Using the records below, give the number of lines where the word "units" appears, with no further output.

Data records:
━━━━━━

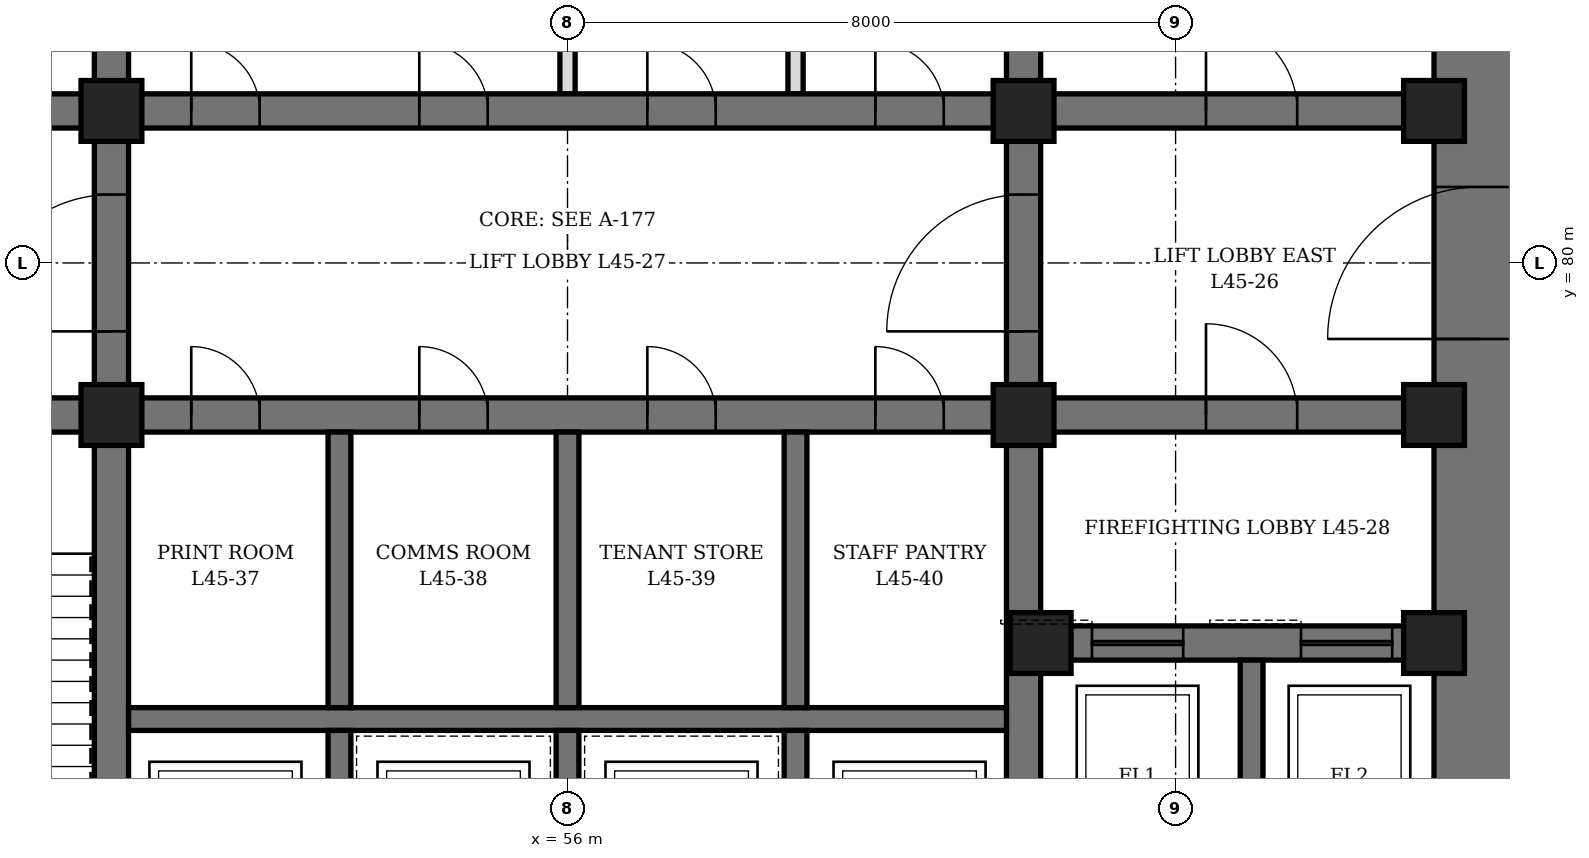
"""IFC4 building model, lengths in metres.
Left out: names, types, materials, properties, quantities, classifications, styles, units other than length and angle.
Written with IfcOpenShell. Run it as: python <this file> out.ifc"""

import sys

from ifc_helpers import new_model, si_unit, direction, frame, frame_2d, origin, origin_2d, place, context, subcontext, project, spatial, rectangle, hollow_rectangle, extrude, element, fill, save


model = new_model("IFC4")
c1 = context("Model", 3, precision=1e-05, world=origin(), true_north=direction((0.0, 1.0)))
c2 = subcontext(c1, "Body", "Model", "MODEL_VIEW")
j1 = project(units=[si_unit("LENGTHUNIT", "METRE"), si_unit("PLANEANGLEUNIT", "RADIAN")], contexts=[c1])
p1 = place(None, origin())
s1 = spatial("IfcSite", under=j1, at=p1, CompositionType="ELEMENT")
p2 = place(p1, origin())
s2 = spatial("IfcBuilding", under=s1, at=p2, CompositionType="ELEMENT")
p3 = place(p2, frame((0.0, 0.0, 202.3)))
s3 = spatial("IfcBuildingStorey", under=s2, at=p3, CompositionType="ELEMENT", Elevation=202.3)
p4 = place(p3, frame((68.0, 70.4, 0.0), z_axis=(0.0, 0.0, 1.0), x_axis=(0.0, 1.0, 0.0)))
e1 = element("IfcWall", 1, at=p4, inside=s3, PredefinedType="SHEAR", context=c2, shape_type="SweptSolid", body=[
    extrude(rectangle(XDim=19.2, YDim=1.2, at=frame_2d((9.6, 0.0))), origin(), (0.0, 0.0, 1.0), 4.2),
])
p5 = place(p4, frame((8.6, 0.0, 0.0)))
e2 = element("IfcOpeningElement", 2, at=p5, cuts=e1, PredefinedType="OPENING", context=c2, shape_type="SweptSolid", body=[
    extrude(rectangle(XDim=2.0, YDim=2.4, at=frame_2d((1.0, 1.2))), frame((0.0, 0.61, 0.0), z_axis=(0.0, -1.0, 0.0), x_axis=(1.0, 0.0, 0.0)), (0.0, 0.0, 1.0), 1.22),
])
p6 = place(p3, frame((50.0, 71.6, 0.0), z_axis=(0.0, 0.0, 1.0), x_axis=(0.0, 1.0, 0.0)))
e3 = element("IfcWall", 3, at=p6, inside=s3, PredefinedType="SHEAR", context=c2, shape_type="SweptSolid", body=[
    extrude(rectangle(XDim=16.8, YDim=0.45, at=frame_2d((8.4, 0.0))), origin(), (0.0, 0.0, 1.0), 4.2),
])
p7 = place(p6, frame((7.5, 0.0, 0.0)))
e4 = element("IfcOpeningElement", 4, at=p7, cuts=e3, PredefinedType="OPENING", context=c2, shape_type="SweptSolid", body=[
    extrude(rectangle(XDim=1.8, YDim=2.4, at=frame_2d((0.9, 1.2))), frame((0.0, 0.235, 0.0), z_axis=(0.0, -1.0, 0.0), x_axis=(1.0, 0.0, 0.0)), (0.0, 0.0, 1.0), 0.47),
])
p8 = place(p3, frame((62.0, 71.6, 0.0), z_axis=(0.0, 0.0, 1.0), x_axis=(0.0, 1.0, 0.0)))
e5 = element("IfcWall", 5, at=p8, inside=s3, PredefinedType="SHEAR", context=c2, shape_type="SweptSolid", body=[
    extrude(rectangle(XDim=16.8, YDim=0.45, at=frame_2d((8.4, 0.0))), origin(), (0.0, 0.0, 1.0), 4.2),
])
p9 = place(p8, frame((7.5, 0.0, 0.0)))
e6 = element("IfcOpeningElement", 6, at=p9, cuts=e5, PredefinedType="OPENING", context=c2, shape_type="SweptSolid", body=[
    extrude(rectangle(XDim=1.8, YDim=2.4, at=frame_2d((0.9, 1.2))), frame((0.0, 0.235, 0.0), z_axis=(0.0, -1.0, 0.0), x_axis=(1.0, 0.0, 0.0)), (0.0, 0.0, 1.0), 0.47),
])
p10 = place(p3, frame((44.6, 78.0, 0.0), z_axis=(0.0, 0.0, 1.0), x_axis=(1.0, 0.0, 0.0)))
e7 = element("IfcWall", 7, at=p10, inside=s3, PredefinedType="SHEAR", context=c2, shape_type="SweptSolid", body=[
    extrude(rectangle(XDim=5.175, YDim=0.45, at=frame_2d((2.587, 0.0))), origin(), (0.0, 0.0, 1.0), 4.2),
])
p11 = place(p10, frame((1.8, 0.0, 0.0)))
e8 = element("IfcOpeningElement", 8, at=p11, cuts=e7, PredefinedType="OPENING", context=c2, shape_type="SweptSolid", body=[
    extrude(rectangle(XDim=1.2, YDim=2.1, at=frame_2d((0.6, 1.05))), frame((0.0, 0.235, 0.0), z_axis=(0.0, -1.0, 0.0), x_axis=(1.0, 0.0, 0.0)), (0.0, 0.0, 1.0), 0.47),
])
p12 = place(p3, frame((44.6, 82.0, 0.0), z_axis=(0.0, 0.0, 1.0), x_axis=(1.0, 0.0, 0.0)))
e9 = element("IfcWall", 9, at=p12, inside=s3, PredefinedType="SHEAR", context=c2, shape_type="SweptSolid", body=[
    extrude(rectangle(XDim=5.175, YDim=0.45, at=frame_2d((2.587, 0.0))), origin(), (0.0, 0.0, 1.0), 4.2),
])
p13 = place(p12, frame((0.7, 0.0, 0.0)))
e10 = element("IfcOpeningElement", 10, at=p13, cuts=e9, PredefinedType="OPENING", context=c2, shape_type="SweptSolid", body=[
    extrude(rectangle(XDim=0.9, YDim=2.1, at=frame_2d((0.45, 1.05))), frame((0.0, 0.235, 0.0), z_axis=(0.0, -1.0, 0.0), x_axis=(1.0, 0.0, 0.0)), (0.0, 0.0, 1.0), 0.47),
])
p14 = place(p3, frame((62.225, 75.0, 0.0), z_axis=(0.0, 0.0, 1.0), x_axis=(1.0, 0.0, 0.0)))
e11 = element("IfcWall", 11, at=p14, inside=s3, PredefinedType="SHEAR", context=c2, shape_type="SweptSolid", body=[
    extrude(rectangle(XDim=5.175, YDim=0.45, at=frame_2d((2.587, 0.0))), origin(), (0.0, 0.0, 1.0), 4.2),
])
p15 = place(p14, frame((0.675, 0.0, 0.0)))
e12 = element("IfcOpeningElement", 12, at=p15, cuts=e11, PredefinedType="OPENING", context=c2, shape_type="SweptSolid", body=[
    extrude(rectangle(XDim=1.2, YDim=2.2, at=frame_2d((0.6, 1.1))), frame((0.0, 0.235, 0.0), z_axis=(0.0, -1.0, 0.0), x_axis=(1.0, 0.0, 0.0)), (0.0, 0.0, 1.0), 0.47),
])
p16 = place(p14, frame((3.425, 0.0, 0.0)))
e13 = element("IfcOpeningElement", 13, at=p16, cuts=e11, PredefinedType="OPENING", context=c2, shape_type="SweptSolid", body=[
    extrude(rectangle(XDim=1.2, YDim=2.2, at=frame_2d((0.6, 1.1))), frame((0.0, 0.235, 0.0), z_axis=(0.0, -1.0, 0.0), x_axis=(1.0, 0.0, 0.0)), (0.0, 0.0, 1.0), 0.47),
])
p17 = place(p3, frame((62.225, 78.0, 0.0), z_axis=(0.0, 0.0, 1.0), x_axis=(1.0, 0.0, 0.0)))
e14 = element("IfcWall", 14, at=p17, inside=s3, PredefinedType="SHEAR", context=c2, shape_type="SweptSolid", body=[
    extrude(rectangle(XDim=5.175, YDim=0.45, at=frame_2d((2.587, 0.0))), origin(), (0.0, 0.0, 1.0), 4.2),
])
p18 = place(p17, frame((2.175, 0.0, 0.0)))
e15 = element("IfcOpeningElement", 15, at=p18, cuts=e14, PredefinedType="OPENING", context=c2, shape_type="SweptSolid", body=[
    extrude(rectangle(XDim=1.2, YDim=2.1, at=frame_2d((0.6, 1.05))), frame((0.0, 0.235, 0.0), z_axis=(0.0, -1.0, 0.0), x_axis=(1.0, 0.0, 0.0)), (0.0, 0.0, 1.0), 0.47),
])
p19 = place(p3, frame((62.225, 82.0, 0.0), z_axis=(0.0, 0.0, 1.0), x_axis=(1.0, 0.0, 0.0)))
e16 = element("IfcWall", 16, at=p19, inside=s3, PredefinedType="SHEAR", context=c2, shape_type="SweptSolid", body=[
    extrude(rectangle(XDim=5.175, YDim=0.45, at=frame_2d((2.587, 0.0))), origin(), (0.0, 0.0, 1.0), 4.2),
])
p20 = place(p19, frame((2.175, 0.0, 0.0)))
e17 = element("IfcOpeningElement", 17, at=p20, cuts=e16, PredefinedType="OPENING", context=c2, shape_type="SweptSolid", body=[
    extrude(rectangle(XDim=1.2, YDim=2.1, at=frame_2d((0.6, 1.05))), frame((0.0, 0.235, 0.0), z_axis=(0.0, -1.0, 0.0), x_axis=(1.0, 0.0, 0.0)), (0.0, 0.0, 1.0), 0.47),
])
p21 = place(p3, frame((50.225, 78.0, 0.0), z_axis=(0.0, 0.0, 1.0), x_axis=(1.0, 0.0, 0.0)))
e18 = element("IfcWall", 18, at=p21, inside=s3, PredefinedType="SHEAR", context=c2, shape_type="SweptSolid", body=[
    extrude(rectangle(XDim=11.55, YDim=0.45, at=frame_2d((5.775, 0.0))), origin(), (0.0, 0.0, 1.0), 4.2),
])
p22 = place(p21, frame((0.825, 0.0, 0.0)))
e19 = element("IfcOpeningElement", 19, at=p22, cuts=e18, PredefinedType="OPENING", context=c2, shape_type="SweptSolid", body=[
    extrude(rectangle(XDim=0.9, YDim=2.1, at=frame_2d((0.45, 1.05))), frame((0.0, 0.235, 0.0), z_axis=(0.0, -1.0, 0.0), x_axis=(1.0, 0.0, 0.0)), (0.0, 0.0, 1.0), 0.47),
])
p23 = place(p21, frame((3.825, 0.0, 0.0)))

━━━━━━

### Task solution
2